::: Records supplied :::

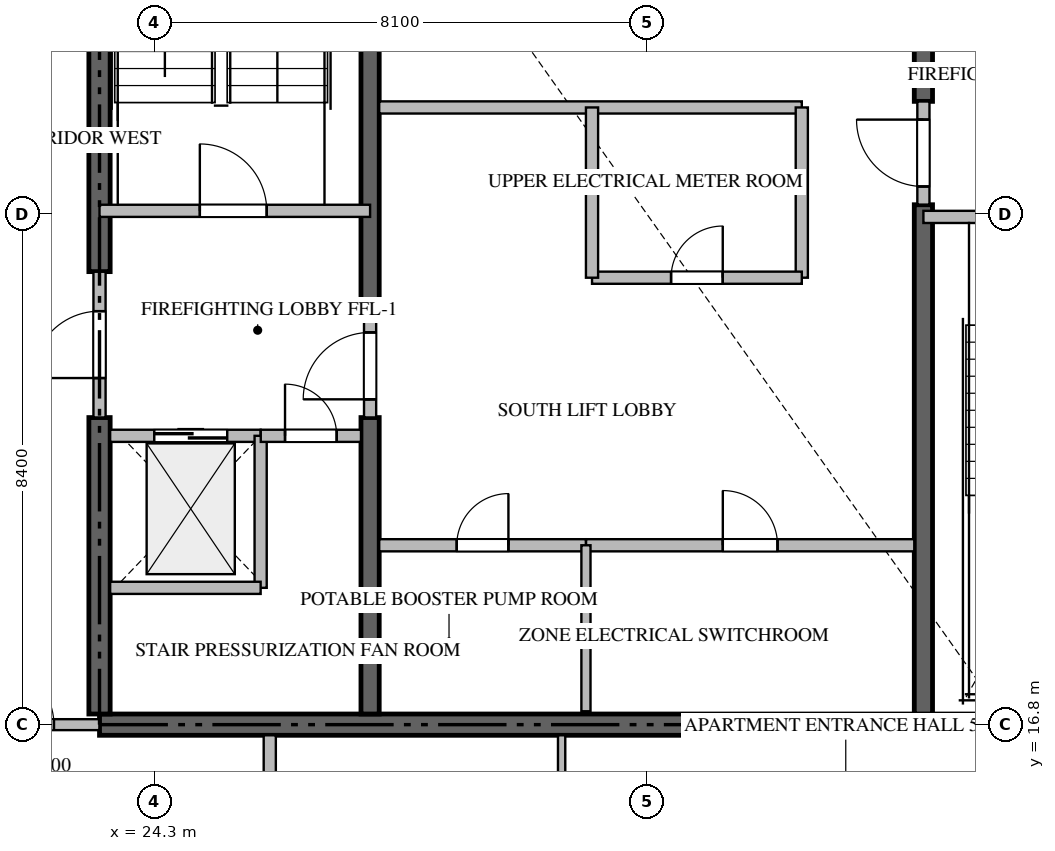
"""IFC4 building model, lengths in metres.
Left out: names, types, materials, properties, quantities, classifications, styles, units other than length and angle.
Written with IfcOpenShell. Run it as: python <this file> out.ifc"""

import sys

from ifc_helpers import new_model, si_unit, direction, frame, frame_2d, origin, place, context, subcontext, project, spatial, rectangle, extrude, source, transform, mapped, element, fill, save


model = new_model("IFC4")
c1 = context("Model", 3, precision=1e-05, world=origin(), true_north=direction((0.0, 1.0)))
c2 = subcontext(c1, "Body", "Model", "MODEL_VIEW")
j1 = project(units=[si_unit("LENGTHUNIT", "METRE"), si_unit("PLANEANGLEUNIT", "RADIAN")], contexts=[c1])
p1 = place(None, origin())
s1 = spatial("IfcSite", under=j1, at=p1, CompositionType="ELEMENT")
p2 = place(p1, origin())
s2 = spatial("IfcBuilding", under=s1, at=p2, CompositionType="ELEMENT")
p3 = place(p2, frame((0.0, 0.0, 222.0)))
s3 = spatial("IfcBuildingStorey", under=s2, at=p3, CompositionType="ELEMENT", Elevation=222.0)
p4 = place(p3, frame((23.4, 16.8, -0.26), z_axis=(0.0, 0.0, 1.0), x_axis=(1.0, 0.0, 0.0)))
e1 = element("IfcWall", 1, at=p4, inside=s3, PredefinedType="SHEAR", context=c2, shape_type="SweptSolid", body=[
    extrude(rectangle(XDim=18.0, YDim=0.35, at=frame_2d((9.0, 0.0))), origin(), (0.0, 0.0, 1.0), 3.848),
])
p5 = place(p3, frame((23.4, 16.975, -0.26), z_axis=(0.0, 0.0, 1.0), x_axis=(0.0, 1.0, 0.0)))
e2 = element("IfcWall", 2, at=p5, inside=s3, PredefinedType="SHEAR", context=c2, shape_type="SweptSolid", body=[
    extrude(rectangle(XDim=4.875, YDim=0.35, at=frame_2d((2.438, 0.0))), origin(), (0.0, 0.0, 1.0), 3.848),
])
p6 = place(p3, frame((23.4, 24.25, -0.26), z_axis=(0.0, 0.0, 1.0), x_axis=(0.0, 1.0, 0.0)))
e3 = element("IfcWall", 3, at=p6, inside=s3, PredefinedType="SHEAR", context=c2, shape_type="SweptSolid", body=[
    extrude(rectangle(XDim=9.175, YDim=0.35, at=frame_2d((4.587, 0.0))), origin(), (0.0, 0.0, 1.0), 3.848),
])
p7 = place(p3, frame((27.85, 16.975, -0.26), z_axis=(0.0, 0.0, 1.0), x_axis=(0.0, 1.0, 0.0)))
e4 = element("IfcWall", 4, at=p7, inside=s3, PredefinedType="SHEAR", context=c2, shape_type="SweptSolid", body=[
    extrude(rectangle(XDim=4.875, YDim=0.3, at=frame_2d((2.438, 0.0))), origin(), (0.0, 0.0, 1.0), 3.848),
])
p8 = place(p3, frame((27.85, 23.55, -0.26), z_axis=(0.0, 0.0, 1.0), x_axis=(0.0, 1.0, 0.0)))
e5 = element("IfcWall", 5, at=p8, inside=s3, PredefinedType="SHEAR", context=c2, shape_type="SweptSolid", body=[
    extrude(rectangle(XDim=9.875, YDim=0.3, at=frame_2d((4.938, 0.0))), origin(), (0.0, 0.0, 1.0), 3.848),
])
p9 = place(p3, frame((36.95, 16.975, -0.26), z_axis=(0.0, 0.0, 1.0), x_axis=(0.0, 1.0, 0.0)))
e6 = element("IfcWall", 6, at=p9, inside=s3, PredefinedType="SHEAR", context=c2, shape_type="SweptSolid", body=[
    extrude(rectangle(XDim=8.375, YDim=0.3, at=frame_2d((4.188, 0.0))), origin(), (0.0, 0.0, 1.0), 3.848),
])
p10 = place(p3, frame((36.95, 27.05, -0.26), z_axis=(0.0, 0.0, 1.0), x_axis=(0.0, 1.0, 0.0)))
e7 = element("IfcWall", 7, at=p10, inside=s3, PredefinedType="SHEAR", context=c2, shape_type="SweptSolid", body=[
    extrude(rectangle(XDim=6.375, YDim=0.3, at=frame_2d((3.188, 0.0))), origin(), (0.0, 0.0, 1.0), 3.848),
])
p11 = place(p3, frame((23.4, 25.25, 0.0), z_axis=(0.0, 0.0, 1.0), x_axis=(1.0, 0.0, 0.0)))
e8 = element("IfcWall", 8, at=p11, inside=s3, PredefinedType="STANDARD", context=c2, shape_type="SweptSolid", body=[
    extrude(rectangle(XDim=4.45, YDim=0.2, at=frame_2d((2.225, 0.0))), origin(), (0.0, 0.0, 1.0), 3.59),
])
p12 = place(p11, frame((1.65, 0.0, 0.0)))
e9 = element("IfcOpeningElement", 9, at=p12, cuts=e8, PredefinedType="OPENING", context=c2, shape_type="SweptSolid", body=[
    extrude(rectangle(XDim=1.1, YDim=2.15, at=frame_2d((0.55, 1.075))), frame((0.0, 0.11, 0.0), z_axis=(0.0, -1.0, 0.0), x_axis=(1.0, 0.0, 0.0)), (0.0, 0.0, 1.0), 0.22),
])
p13 = place(p3, frame((36.95, 25.15, 0.0), z_axis=(0.0, 0.0, 1.0), x_axis=(1.0, 0.0, 0.0)))
e10 = element("IfcWall", 10, at=p13, inside=s3, PredefinedType="STANDARD", context=c2, shape_type="SweptSolid", body=[
    extrude(rectangle(XDim=4.45, YDim=0.2, at=frame_2d((2.225, 0.0))), origin(), (0.0, 0.0, 1.0), 3.59),
])
p14 = place(p13, frame((1.65, 0.0, 0.0)))
e11 = element("IfcOpeningElement", 11, at=p14, cuts=e10, PredefinedType="OPENING", context=c2, shape_type="SweptSolid", body=[
    extrude(rectangle(XDim=1.1, YDim=2.15, at=frame_2d((0.55, 1.075))), frame((0.0, 0.11, 0.0), z_axis=(0.0, -1.0, 0.0), x_axis=(1.0, 0.0, 0.0)), (0.0, 0.0, 1.0), 0.22),
])
p15 = place(p3, frame((23.575, 21.55, 0.0), z_axis=(0.0, 0.0, 1.0), x_axis=(1.0, 0.0, 0.0)))
e12 = element("IfcWall", 12, at=p15, inside=s3, PredefinedType="STANDARD", context=c2, shape_type="SweptSolid", body=[
    extrude(rectangle(XDim=2.475, YDim=0.2, at=frame_2d((1.238, 0.0))), origin(), (0.0, 0.0, 1.0), 3.59),
])
p16 = place(p15, frame((0.725, 0.0, 0.0)))
e13 = element("IfcOpeningElement", 13, at=p16, cuts=e12, PredefinedType="OPENING", context=c2, shape_type="SweptSolid", body=[
    extrude(rectangle(XDim=1.2, YDim=2.2, at=frame_2d((0.6, 1.1))), frame((0.0, 0.11, 0.0), z_axis=(0.0, -1.0, 0.0), x_axis=(1.0, 0.0, 0.0)), (0.0, 0.0, 1.0), 0.22),
])
p17 = place(p3, frame((26.05, 19.05, 0.0), z_axis=(0.0, 0.0, 1.0), x_axis=(0.0, 1.0, 0.0)))
e14 = element("IfcWall", 14, at=p17, inside=s3, PredefinedType="STANDARD", context=c2, shape_type="SweptSolid", body=[
    extrude(rectangle(XDim=2.5, YDim=0.2, at=frame_2d((1.25, 0.0))), origin(), (0.0, 0.0, 1.0), 3.59),
])
p18 = place(p3, frame((23.575, 19.05, 0.0), z_axis=(0.0, 0.0, 1.0), x_axis=(1.0, 0.0, 0.0)))
e15 = element("IfcWall", 15, at=p18, inside=s3, PredefinedType="STANDARD", context=c2, shape_type="SweptSolid", body=[
    extrude(rectangle(XDim=2.475, YDim=0.2, at=frame_2d((1.238, 0.0))), origin(), (0.0, 0.0, 1.0), 3.59),
])
p19 = place(p3, frame((26.052, 21.55, 0.0), z_axis=(0.0, 0.0, 1.0), x_axis=(1.0, 0.0, 0.0)))
e16 = element("IfcWall", 16, at=p19, inside=s3, PredefinedType="STANDARD", context=c2, shape_type="SweptSolid", body=[
    extrude(rectangle(XDim=1.648, YDim=0.2, at=frame_2d((0.824, 0.0))), origin(), (0.0, 0.0, 1.0), 3.59),
])
p20 = place(p19, frame((0.399, 0.0, 0.0)))
e17 = element("IfcOpeningElement", 17, at=p20, cuts=e16, PredefinedType="OPENING", context=c2, shape_type="SweptSolid", body=[
    extrude(rectangle(XDim=0.85, YDim=2.1, at=frame_2d((0.425, 1.05))), frame((0.0, 0.11, 0.0), z_axis=(0.0, -1.0, 0.0), x_axis=(1.0, 0.0, 0.0)), (0.0, 0.0, 1.0), 0.22),
])
p21 = place(p3, frame((23.4, 21.852, 0.0), z_axis=(0.0, 0.0, 1.0), x_axis=(0.0, 1.0, 0.0)))
e18 = element("IfcWall", 18, at=p21, inside=s3, PredefinedType="STANDARD", context=c2, shape_type="SweptSolid", body=[
    extrude(rectangle(XDim=2.396, YDim=0.2, at=frame_2d((1.198, 0.0))), origin(), (0.0, 0.0, 1.0), 3.59),
])
p22 = place(p21, frame((0.648, 0.0, 0.0)))
e19 = element("IfcOpeningElement", 19, at=p22, cuts=e18, PredefinedType="OPENING", context=c2, shape_type="SweptSolid", body=[
    extrude(rectangle(XDim=1.1, YDim=2.15, at=frame_2d((0.55, 1.075))), frame((0.0, 0.11, 0.0), z_axis=(0.0, -1.0, 0.0), x_axis=(1.0, 0.0, 0.0)), (0.0, 0.0, 1.0), 0.22),
])
p23 = place(p3, frame((27.85, 21.852, 0.0), z_axis=(0.0, 0.0, 1.0), x_axis=(0.0, 1.0, 0.0)))
e20 = element("IfcWall", 20, at=p23, inside=s3, PredefinedType="STANDARD", context=c2, shape_type="SweptSolid", body=[
    extrude(rectangle(XDim=1.696, YDim=0.2, at=frame_2d((0.848, 0.0))), origin(), (0.0, 0.0, 1.0), 3.59),
])
p24 = place(p23, frame((0.298, 0.0, 0.0)))
e21 = element("IfcOpeningElement", 21, at=p24, cuts=e20, PredefinedType="OPENING", context=c2, shape_type="SweptSolid", body=[
    extrude(rectangle(XDim=1.1, YDim=2.15, at=frame_2d((0.55, 1.075))), frame((0.0, 0.11, 0.0), z_axis=(0.0, -1.0, 0.0), x_axis=(1.0, 0.0, 0.0)), (0.0, 0.0, 1.0), 0.22),
])
p25 = place(p3, frame((36.95, 25.352, 0.0), z_axis=(0.0, 0.0, 1.0), x_axis=(0.0, 1.0, 0.0)))
e22 = element("IfcWall", 22, at=p25, inside=s3, PredefinedType="STANDARD", context=c2, shape_type="SweptSolid", body=[
    extrude(rectangle(XDim=1.696, YDim=0.2, at=frame_2d((0.848, 0.0))), origin(), (0.0, 0.0, 1.0), 3.59),
])
p26 = place(p25, frame((0.298, 0.0, 0.0)))
e23 = element("IfcOpeningElement", 23, at=p26, cuts=e22, PredefinedType="OPENING", context=c2, shape_type="SweptSolid", body=[
    extrude(rectangle(XDim=1.1, YDim=2.15, at=frame_2d((0.55, 1.075))), frame((0.0, 0.11, 0.0), z_axis=(0.0, -1.0, 0.0), x_axis=(1.0, 0.0, 0.0)), (0.0, 0.0, 1.0), 0.22),
])
p27 = place(p3, frame((28.0, 19.75, 0.0), z_axis=(0.0, 0.0, 1.0), x_axis=(1.0, 0.0, 0.0)))
e24 = element("IfcWall", 24, at=p27, inside=s3, PredefinedType="STANDARD", context=c2, shape_type="SweptSolid", body=[
    extrude(rectangle(XDim=3.4, YDim=0.2, at=frame_2d((1.7, 0.0))), origin(), (0.0, 0.0, 1.0), 3.59),
])
p28 = place(p27, frame((1.275, 0.0, 0.0)))
e25 = element("IfcOpeningElement", 25, at=p28, cuts=e24, PredefinedType="OPENING", context=c2, shape_type="SweptSolid", body=[
    extrude(rectangle(XDim=0.85, YDim=2.1, at=frame_2d((0.425, 1.05))), frame((0.0, 0.11, 0.0), z_axis=(0.0, -1.0, 0.0), x_axis=(1.0, 0.0, 0.0)), (0.0, 0.0, 1.0), 0.22),
])
p29 = place(p3, frame((31.402, 19.75, 0.0), z_axis=(0.0, 0.0, 1.0), x_axis=(1.0, 0.0, 0.0)))
e26 = element("IfcWall", 26, at=p29, inside=s3, PredefinedType="STANDARD", context=c2, shape_type="SweptSolid", body=[
    extrude(rectangle(XDim=5.398, YDim=0.2, at=frame_2d((2.699, 0.0))), origin(), (0.0, 0.0, 1.0), 3.59),
])
p30 = place(p29, frame((2.249, 0.0, 0.0)))
e27 = element("IfcOpeningElement", 27, at=p30, cuts=e26, PredefinedType="OPENING", context=c2, shape_type="SweptSolid", body=[
    extrude(rectangle(XDim=0.9, YDim=2.1, at=frame_2d((0.45, 1.05))), frame((0.0, 0.11, 0.0), z_axis=(0.0, -1.0, 0.0), x_axis=(1.0, 0.0, 0.0)), (0.0, 0.0, 1.0), 0.22),
])
p31 = place(p3, frame((31.4, 17.02, 0.0), z_axis=(0.0, 0.0, 1.0), x_axis=(0.0, 1.0, 0.0)))
e28 = element("IfcWall", 28, at=p31, inside=s3, PredefinedType="PARTITIONING", context=c2, shape_type="SweptSolid", body=[
    extrude(rectangle(XDim=2.73, YDim=0.15, at=frame_2d((1.365, 0.0))), origin(), (0.0, 0.0, 1.0), 3.59),
])
p32 = place(p3, frame((28.0, 26.95, 0.0), z_axis=(0.0, 0.0, 1.0), x_axis=(1.0, 0.0, 0.0)))
e29 = element("IfcWall", 29, at=p32, inside=s3, PredefinedType="STANDARD", context=c2, shape_type="SweptSolid", body=[
    extrude(rectangle(XDim=6.95, YDim=0.2, at=frame_2d((3.475, 0.0))), origin(), (0.0, 0.0, 1.0), 3.59),
])
p33 = place(p3, frame((34.95, 24.15, 0.0), z_axis=(0.0, 0.0, 1.0), x_axis=(0.0, 1.0, 0.0)))
e30 = element("IfcWall", 30, at=p33, inside=s3, PredefinedType="STANDARD", context=c2, shape_type="SweptSolid", body=[
    extrude(rectangle(XDim=2.8, YDim=0.2, at=frame_2d((1.4, 0.0))), origin(), (0.0, 0.0, 1.0), 3.59),
])
p34 = place(p3, frame((31.5, 24.15, 0.0), z_axis=(0.0, 0.0, 1.0), x_axis=(1.0, 0.0, 0.0)))
e31 = element("IfcWall", 31, at=p34, inside=s3, PredefinedType="STANDARD", context=c2, shape_type="SweptSolid", body=[
    extrude(rectangle(XDim=3.45, YDim=0.2, at=frame_2d((1.725, 0.0))), origin(), (0.0, 0.0, 1.0), 3.59),
])
p35 = place(p34, frame((1.3, 0.0, 0.0)))
e32 = element("IfcOpeningElement", 32, at=p35, cuts=e31, PredefinedType="OPENING", context=c2, shape_type="SweptSolid", body=[
    extrude(rectangle(XDim=0.85, YDim=2.1, at=frame_2d((0.425, 1.05))), frame((0.0, 0.11, 0.0), z_axis=(0.0, -1.0, 0.0), x_axis=(1.0, 0.0, 0.0)), (0.0, 0.0, 1.0), 0.22),
])
p36 = place(p3, frame((31.5, 24.15, 0.0), z_axis=(0.0, 0.0, 1.0), x_axis=(0.0, 1.0, 0.0)))
e33 = element("IfcWall", 33, at=p36, inside=s3, PredefinedType="STANDARD", context=c2, shape_type="SweptSolid", body=[
    extrude(rectangle(XDim=2.8, YDim=0.2, at=frame_2d((1.4, 0.0))), origin(), (0.0, 0.0, 1.0), 3.59),
])
p37 = place(p3, frame((26.2, 1.282, 0.0), z_axis=(0.0, 0.0, 1.0), x_axis=(0.0, 1.0, 0.0)))
e34 = element("IfcWall", 34, at=p37, inside=s3, PredefinedType="PARTITIONING", context=c2, shape_type="SweptSolid", body=[
    extrude(rectangle(XDim=15.343, YDim=0.2, at=frame_2d((7.671, 0.0))), origin(), (0.0, 0.0, 1.0), 3.59),
])
p38 = place(p3, frame((20.902, 16.8, 0.0), z_axis=(0.0, 0.0, 1.0), x_axis=(1.0, 0.0, 0.0)))
e35 = element("IfcWall", 35, at=p38, inside=s3, PredefinedType="PARTITIONING", context=c2, shape_type="SweptSolid", body=[
    extrude(rectangle(XDim=2.496, YDim=0.18, at=frame_2d((1.248, 0.0))), origin(), (0.0, 0.0, 1.0), 3.59),
])
p39 = place(p38, frame((0.748, 0.0, 0.0)))
e36 = element("IfcOpeningElement", 36, at=p39, cuts=e35, PredefinedType="OPENING", context=c2, shape_type="SweptSolid", body=[
    extrude(rectangle(XDim=1.0, YDim=2.15, at=frame_2d((0.5, 1.075))), frame((0.0, 0.1, 0.0), z_axis=(0.0, -1.0, 0.0), x_axis=(1.0, 0.0, 0.0)), (0.0, 0.0, 1.0), 0.2),
])
p40 = place(p3, frame((31.0, 14.652, 0.0), z_axis=(0.0, 0.0, 1.0), x_axis=(0.0, 1.0, 0.0)))
e37 = element("IfcWall", 37, at=p40, inside=s3, PredefinedType="PARTITIONING", context=c2, shape_type="SweptSolid", body=[
    extrude(rectangle(XDim=1.973, YDim=0.12, at=frame_2d((0.986, 0.0))), origin(), (0.0, 0.0, 1.0), 3.59),
])
m1 = source(origin(), c2, "Body", "SweptSolid", [
    extrude(rectangle(XDim=1.1, YDim=2.15, at=frame_2d((0.55, 1.075))), frame((0.0, 0.025, 0.0), z_axis=(0.0, -1.0, 0.0), x_axis=(1.0, 0.0, 0.0)), (0.0, 0.0, 1.0), 0.05),
])
p41 = place(p12, origin())
e38 = element("IfcDoor", 38, at=p41, inside=s3, OperationType="SINGLE_SWING_LEFT", PredefinedType="DOOR", context=c2, shape_type="MappedRepresentation", body=[
    mapped(m1, transform((0.0, 0.0, 0.0), scale=1.0)),
])
fill(e9, e38)
m2 = source(origin(), c2, "Body", "SweptSolid", [
    extrude(rectangle(XDim=1.2, YDim=2.2, at=frame_2d((0.6, 1.1))), frame((0.0, 0.025, 0.0), z_axis=(0.0, -1.0, 0.0), x_axis=(1.0, 0.0, 0.0)), (0.0, 0.0, 1.0), 0.05),
])
p42 = place(p16, origin())
e39 = element("IfcDoor", 39, at=p42, inside=s3, OperationType="DOUBLE_DOOR_SLIDING", PredefinedType="DOOR", context=c2, shape_type="MappedRepresentation", body=[
    mapped(m2, transform((0.0, 0.0, 0.0), scale=1.0)),
])
fill(e13, e39)
m3 = source(origin(), c2, "Body", "SweptSolid", [
    extrude(rectangle(XDim=0.85, YDim=2.1, at=frame_2d((0.425, 1.05))), frame((0.0, 0.025, 0.0), z_axis=(0.0, -1.0, 0.0), x_axis=(1.0, 0.0, 0.0)), (0.0, 0.0, 1.0), 0.05),
])
p43 = place(p20, origin())
e40 = element("IfcDoor", 40, at=p43, inside=s3, OperationType="SINGLE_SWING_LEFT", PredefinedType="DOOR", context=c2, shape_type="MappedRepresentation", body=[
    mapped(m3, transform((0.0, 0.0, 0.0), scale=1.0)),
])
fill(e17, e40)
p44 = place(p22, origin())
e41 = element("IfcDoor", 41, at=p44, inside=s3, OperationType="SINGLE_SWING_LEFT", PredefinedType="DOOR", context=c2, shape_type="MappedRepresentation", body=[
    mapped(m1, transform((0.0, 0.0, 0.0), scale=1.0)),
])
fill(e19, e41)
p45 = place(p24, origin())
e42 = element("IfcDoor", 42, at=p45, inside=s3, OperationType="SINGLE_SWING_LEFT", PredefinedType="DOOR", context=c2, shape_type="MappedRepresentation", body=[
    mapped(m1, transform((0.0, 0.0, 0.0), scale=1.0)),
])
fill(e21, e42)
p46 = place(p26, origin())
e43 = element("IfcDoor", 43, at=p46, inside=s3, OperationType="SINGLE_SWING_RIGHT", PredefinedType="DOOR", context=c2, shape_type="MappedRepresentation", body=[
    mapped(m1, transform((0.0, 0.0, 0.0), scale=1.0)),
])
fill(e23, e43)
p47 = place(p28, origin())
e44 = element("IfcDoor", 44, at=p47, inside=s3, OperationType="SINGLE_SWING_RIGHT", PredefinedType="DOOR", context=c2, shape_type="MappedRepresentation", body=[
    mapped(m3, transform((0.0, 0.0, 0.0), scale=1.0)),
])
fill(e25, e44)
m4 = source(origin(), c2, "Body", "SweptSolid", [
    extrude(rectangle(XDim=0.9, YDim=2.1, at=frame_2d((0.45, 1.05))), frame((0.0, 0.025, 0.0), z_axis=(0.0, -1.0, 0.0), x_axis=(1.0, 0.0, 0.0)), (0.0, 0.0, 1.0), 0.05),
])
p48 = place(p30, origin())
e45 = element("IfcDoor", 45, at=p48, inside=s3, OperationType="SINGLE_SWING_LEFT", PredefinedType="DOOR", context=c2, shape_type="MappedRepresentation", body=[
    mapped(m4, transform((0.0, 0.0, 0.0), scale=1.0)),
])
fill(e27, e45)
p49 = place(p35, origin())
e46 = element("IfcDoor", 46, at=p49, inside=s3, OperationType="SINGLE_SWING_RIGHT", PredefinedType="DOOR", context=c2, shape_type="MappedRepresentation", body=[
    mapped(m3, transform((0.0, 0.0, 0.0), scale=1.0)),
])
fill(e32, e46)
m5 = source(origin(), c2, "Body", "SweptSolid", [
    extrude(rectangle(XDim=1.0, YDim=2.15, at=frame_2d((0.5, 1.075))), frame((0.0, 0.025, 0.0), z_axis=(0.0, -1.0, 0.0), x_axis=(1.0, 0.0, 0.0)), (0.0, 0.0, 1.0), 0.05),
])
p50 = place(p39, origin())
e47 = element("IfcDoor", 47, at=p50, inside=s3, OperationType="SINGLE_SWING_LEFT", PredefinedType="DOOR", context=c2, shape_type="MappedRepresentation", body=[
    mapped(m5, transform((0.0, 0.0, 0.0), scale=1.0)),
])
fill(e36, e47)
save(model, sys.argv[1])

:::

▶ **What you will do**
Check every line of the records above for the string "direction". Copy those that hold it.

▶ **Exercise output**
from ifc_helpers import new_model, si_unit, direction, frame, frame_2d, origin, place, context, subcontext, project, spatial, rectangle, extrude, source, transform, mapped, element, fill, save
c1 = context("Model", 3, precision=1e-05, world=origin(), true_north=direction((0.0, 1.0)))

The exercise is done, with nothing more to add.